Records from a collection:
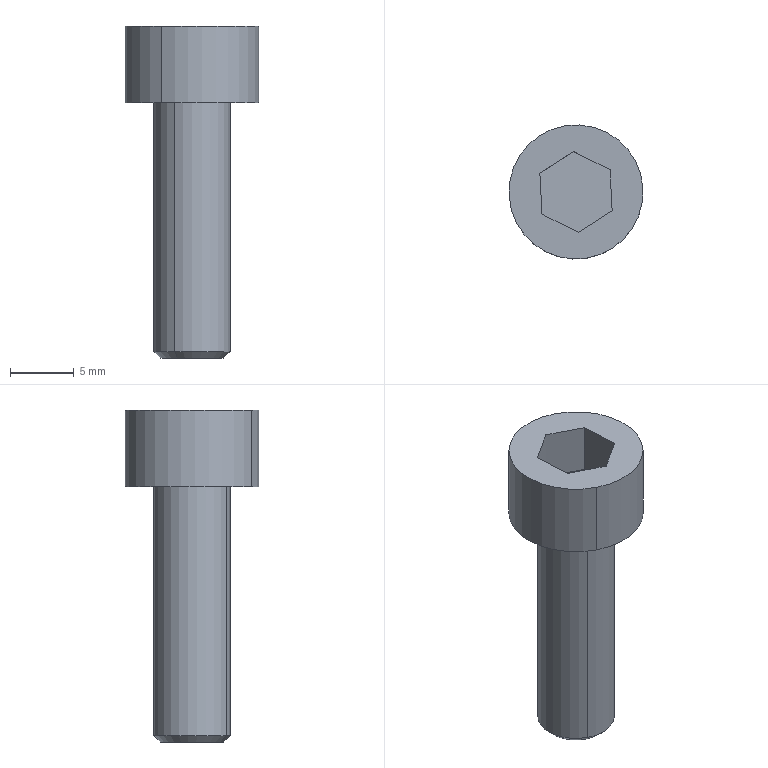Component | SolidWorks | M6x20HexSocketCap-2 | 1 solid | 16 faces | box 10.5 x 10.5 x 26 mm | volume 978 mm3 | plane 10 | cylinder 4 | cone 2 | commonest cylinder face diameters 6 x2 10.5 x2 | material #45
STEP:
#1=CARTESIAN_POINT('',(0.07331,12.286,-0.4488));
#2=VERTEX_POINT('',#1);
#3=CARTESIAN_POINT('',(0.1629,12.462,-0.4488));
#4=VERTEX_POINT('',#3);
#5=CARTESIAN_POINT('',(0.1181,12.374,-0.4488));
#6=DIRECTION('',(0.,0.,-1.));
#7=DIRECTION('',(-0.4552,-0.8904,0.));
#8=AXIS2_PLACEMENT_3D('',#5,#6,#7);
#9=CIRCLE('',#8,0.09843);
#10=EDGE_CURVE('',#2,#4,#9,.T.);
#11=ORIENTED_EDGE('',*,*,#10,.F.);
#12=CARTESIAN_POINT('',(0.06435,12.269,-0.4291));
#13=VERTEX_POINT('',#12);
#14=CARTESIAN_POINT('',(0.06435,12.269,-0.4291));
#15=DIRECTION('',(-0.3219,-0.6296,0.7071));
#16=VECTOR('',#15,39.37);
#17=LINE('',#14,#16);
#18=EDGE_CURVE('',#2,#13,#17,.T.);
#19=ORIENTED_EDGE('',*,*,#18,.T.);
#20=CARTESIAN_POINT('',(0.1719,12.479,-0.4291));
#21=VERTEX_POINT('',#20);
#22=CARTESIAN_POINT('',(0.1181,12.374,-0.4291));
#23=DIRECTION('',(0.,0.,-1.));
#24=DIRECTION('',(-0.4552,-0.8904,0.));
#25=AXIS2_PLACEMENT_3D('',#22,#23,#24);
#26=CIRCLE('',#25,0.1181);
#27=EDGE_CURVE('',#13,#21,#26,.T.);
#28=ORIENTED_EDGE('',*,*,#27,.T.);
#29=CARTESIAN_POINT('',(0.1719,12.479,-0.4291));
#30=DIRECTION('',(0.3219,0.6296,0.7071));
#31=VECTOR('',#30,39.37);
#32=LINE('',#29,#31);
#33=EDGE_CURVE('',#4,#21,#32,.T.);
#34=ORIENTED_EDGE('',*,*,#33,.F.);
#35=EDGE_LOOP('',(#11,#19,#28,#34));
#36=FACE_OUTER_BOUND('',#35,.T.);
#37=CARTESIAN_POINT('',(0.1181,12.374,-0.4291));
#38=DIRECTION('',(-0.,-0.,1.));
#39=DIRECTION('',(0.4552,0.8904,0.));
#40=AXIS2_PLACEMENT_3D('',#37,#38,#39);
#41=CONICAL_SURFACE('',#40,0.1181,0.7854);
#42=ADVANCED_FACE('',(#36),#41,.T.);
#43=CARTESIAN_POINT('',(0.06435,12.269,0.3386));
#44=VERTEX_POINT('',#43);
#45=CARTESIAN_POINT('',(0.1719,12.479,0.3386));
#46=VERTEX_POINT('',#45);
#47=CARTESIAN_POINT('',(0.1181,12.374,0.3386));
#48=DIRECTION('',(0.,0.,-1.));
#49=DIRECTION('',(-0.4552,-0.8904,0.));
#50=AXIS2_PLACEMENT_3D('',#47,#48,#49);
#51=CIRCLE('',#50,0.1181);
#52=EDGE_CURVE('',#44,#46,#51,.T.);
#53=ORIENTED_EDGE('',*,*,#52,.T.);
#54=CARTESIAN_POINT('',(0.1719,12.479,-0.4488));
#55=DIRECTION('',(0.,0.,-1.));
#56=VECTOR('',#55,39.37);
#57=LINE('',#54,#56);
#58=EDGE_CURVE('',#46,#21,#57,.T.);
#59=ORIENTED_EDGE('',*,*,#58,.T.);
#60=ORIENTED_EDGE('',*,*,#27,.F.);
#61=CARTESIAN_POINT('',(0.06435,12.269,-0.4488));
#62=DIRECTION('',(0.,0.,-1.));
#63=VECTOR('',#62,39.37);
#64=LINE('',#61,#63);
#65=EDGE_CURVE('',#44,#13,#64,.T.);
#66=ORIENTED_EDGE('',*,*,#65,.F.);
#67=EDGE_LOOP('',(#53,#59,#60,#66));
#68=FACE_OUTER_BOUND('',#67,.T.);
#69=CARTESIAN_POINT('',(0.1181,12.374,-0.4488));
#70=DIRECTION('',(0.,0.,-1.));
#71=DIRECTION('',(-0.4552,-0.8904,0.));
#72=AXIS2_PLACEMENT_3D('',#69,#70,#71);
#73=CYLINDRICAL_SURFACE('',#72,0.1181);
#74=ADVANCED_FACE('',(#68),#73,.T.);
#75=CARTESIAN_POINT('',(0.02403,12.19,0.5748));
#76=VERTEX_POINT('',#75);
#77=CARTESIAN_POINT('',(0.2122,12.558,0.5748));
#78=VERTEX_POINT('',#77);
#79=CARTESIAN_POINT('',(0.1181,12.374,0.5748));
#80=DIRECTION('',(0.,0.,-1.));
#81=DIRECTION('',(-0.4552,-0.8904,0.));
#82=AXIS2_PLACEMENT_3D('',#79,#80,#81);
#83=CIRCLE('',#82,0.2067);
#84=EDGE_CURVE('',#76,#78,#83,.T.);
#85=ORIENTED_EDGE('',*,*,#84,.T.);
#86=CARTESIAN_POINT('',(0.2122,12.558,0.3386));
#87=VERTEX_POINT('',#86);
#88=CARTESIAN_POINT('',(0.2122,12.558,-0.4488));
#89=DIRECTION('',(0.,0.,-1.));
#90=VECTOR('',#89,39.37);
#91=LINE('',#88,#90);
#92=EDGE_CURVE('',#78,#87,#91,.T.);
#93=ORIENTED_EDGE('',*,*,#92,.T.);
#94=CARTESIAN_POINT('',(0.02403,12.19,0.3386));
#95=VERTEX_POINT('',#94);
#96=CARTESIAN_POINT('',(0.1181,12.374,0.3386));
#97=DIRECTION('',(0.,0.,-1.));
#98=DIRECTION('',(-0.4552,-0.8904,0.));
#99=AXIS2_PLACEMENT_3D('',#96,#97,#98);
#100=CIRCLE('',#99,0.2067);
#101=EDGE_CURVE('',#95,#87,#100,.T.);
#102=ORIENTED_EDGE('',*,*,#101,.F.);
#103=CARTESIAN_POINT('',(0.02403,12.19,-0.4488));
#104=DIRECTION('',(0.,0.,-1.));
#105=VECTOR('',#104,39.37);
#106=LINE('',#103,#105);
#107=EDGE_CURVE('',#76,#95,#106,.T.);
#108=ORIENTED_EDGE('',*,*,#107,.F.);
#109=EDGE_LOOP('',(#85,#93,#102,#108));
#110=FACE_OUTER_BOUND('',#109,.T.);
#111=CARTESIAN_POINT('',(0.1181,12.374,-0.4488));
#112=DIRECTION('',(0.,0.,-1.));
#113=DIRECTION('',(-0.4552,-0.8904,0.));
#114=AXIS2_PLACEMENT_3D('',#111,#112,#113);
#115=CYLINDRICAL_SURFACE('',#114,0.2067);
#116=ADVANCED_FACE('',(#110),#115,.T.);
#117=CARTESIAN_POINT('',(0.006795,12.431,0.5748));
#118=VERTEX_POINT('',#117);
#119=CARTESIAN_POINT('',(0.01317,12.306,0.5748));
#120=VERTEX_POINT('',#119);
#121=CARTESIAN_POINT('',(0.006795,12.431,0.5748));
#122=DIRECTION('',(0.05102,-0.9987,-0.));
#123=VECTOR('',#122,39.37);
#124=LINE('',#121,#123);
#125=EDGE_CURVE('',#118,#120,#124,.T.);
#126=ORIENTED_EDGE('',*,*,#125,.F.);
#127=CARTESIAN_POINT('',(0.1117,12.499,0.5748));
#128=VERTEX_POINT('',#127);
#129=CARTESIAN_POINT('',(0.1117,12.499,0.5748));
#130=DIRECTION('',(-0.8394,-0.5435,-0.));
#131=VECTOR('',#130,39.37);
#132=LINE('',#129,#131);
#133=EDGE_CURVE('',#128,#118,#132,.T.);
#134=ORIENTED_EDGE('',*,*,#133,.F.);
#135=CARTESIAN_POINT('',(0.223,12.442,0.5748));
#136=VERTEX_POINT('',#135);
#137=CARTESIAN_POINT('',(0.223,12.442,0.5748));
#138=DIRECTION('',(-0.8904,0.4552,0.));
#139=VECTOR('',#138,39.37);
#140=LINE('',#137,#139);
#141=EDGE_CURVE('',#136,#128,#140,.T.);
#142=ORIENTED_EDGE('',*,*,#141,.F.);
#143=CARTESIAN_POINT('',(0.2294,12.317,0.5748));
#144=VERTEX_POINT('',#143);
#145=CARTESIAN_POINT('',(0.2294,12.317,0.5748));
#146=DIRECTION('',(-0.05102,0.9987,0.));
#147=VECTOR('',#146,39.37);
#148=LINE('',#145,#147);
#149=EDGE_CURVE('',#144,#136,#148,.T.);
#150=ORIENTED_EDGE('',*,*,#149,.F.);
#151=CARTESIAN_POINT('',(0.1245,12.249,0.5748));
#152=VERTEX_POINT('',#151);
#153=CARTESIAN_POINT('',(0.1245,12.249,0.5748));
#154=DIRECTION('',(0.8394,0.5435,0.));
#155=VECTOR('',#154,39.37);
#156=LINE('',#153,#155);
#157=EDGE_CURVE('',#152,#144,#156,.T.);
#158=ORIENTED_EDGE('',*,*,#157,.F.);
#159=CARTESIAN_POINT('',(0.01317,12.306,0.5748));
#160=DIRECTION('',(0.8904,-0.4552,-0.));
#161=VECTOR('',#160,39.37);
#162=LINE('',#159,#161);
#163=EDGE_CURVE('',#120,#152,#162,.T.);
#164=ORIENTED_EDGE('',*,*,#163,.F.);
#165=EDGE_LOOP('',(#126,#134,#142,#150,#158,#164));
#166=FACE_BOUND('',#165,.T.);
#167=ORIENTED_EDGE('',*,*,#84,.F.);
#168=CARTESIAN_POINT('',(0.1181,12.374,0.5748));
#169=DIRECTION('',(0.,0.,-1.));
#170=DIRECTION('',(-0.4552,-0.8904,0.));
#171=AXIS2_PLACEMENT_3D('',#168,#169,#170);
#172=CIRCLE('',#171,0.2067);
#173=EDGE_CURVE('',#78,#76,#172,.T.);
#174=ORIENTED_EDGE('',*,*,#173,.F.);
#175=EDGE_LOOP('',(#167,#174));
#176=FACE_OUTER_BOUND('',#175,.T.);
#177=CARTESIAN_POINT('',(0.1181,12.374,0.5748));
#178=DIRECTION('',(0.,0.,-1.));
#179=DIRECTION('',(-0.4552,-0.8904,-0.));
#180=AXIS2_PLACEMENT_3D('',#177,#178,#179);
#181=PLANE('',#180);
#182=ADVANCED_FACE('',(#166,#176),#181,.F.);
#183=ORIENTED_EDGE('',*,*,#92,.F.);
#184=ORIENTED_EDGE('',*,*,#173,.T.);
#185=ORIENTED_EDGE('',*,*,#107,.T.);
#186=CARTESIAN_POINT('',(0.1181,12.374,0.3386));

To do: Give again, word for word, every line from the one holding "#179=DIRECTION('',(-0.4552,-0.8904,-0.));" to the end of the data.

Your solution:
#179=DIRECTION('',(-0.4552,-0.8904,-0.));
#180=AXIS2_PLACEMENT_3D('',#177,#178,#179);
#181=PLANE('',#180);
#182=ADVANCED_FACE('',(#166,#176),#181,.F.);
#183=ORIENTED_EDGE('',*,*,#92,.F.);
#184=ORIENTED_EDGE('',*,*,#173,.T.);
#185=ORIENTED_EDGE('',*,*,#107,.T.);
#186=CARTESIAN_POINT('',(0.1181,12.374,0.3386));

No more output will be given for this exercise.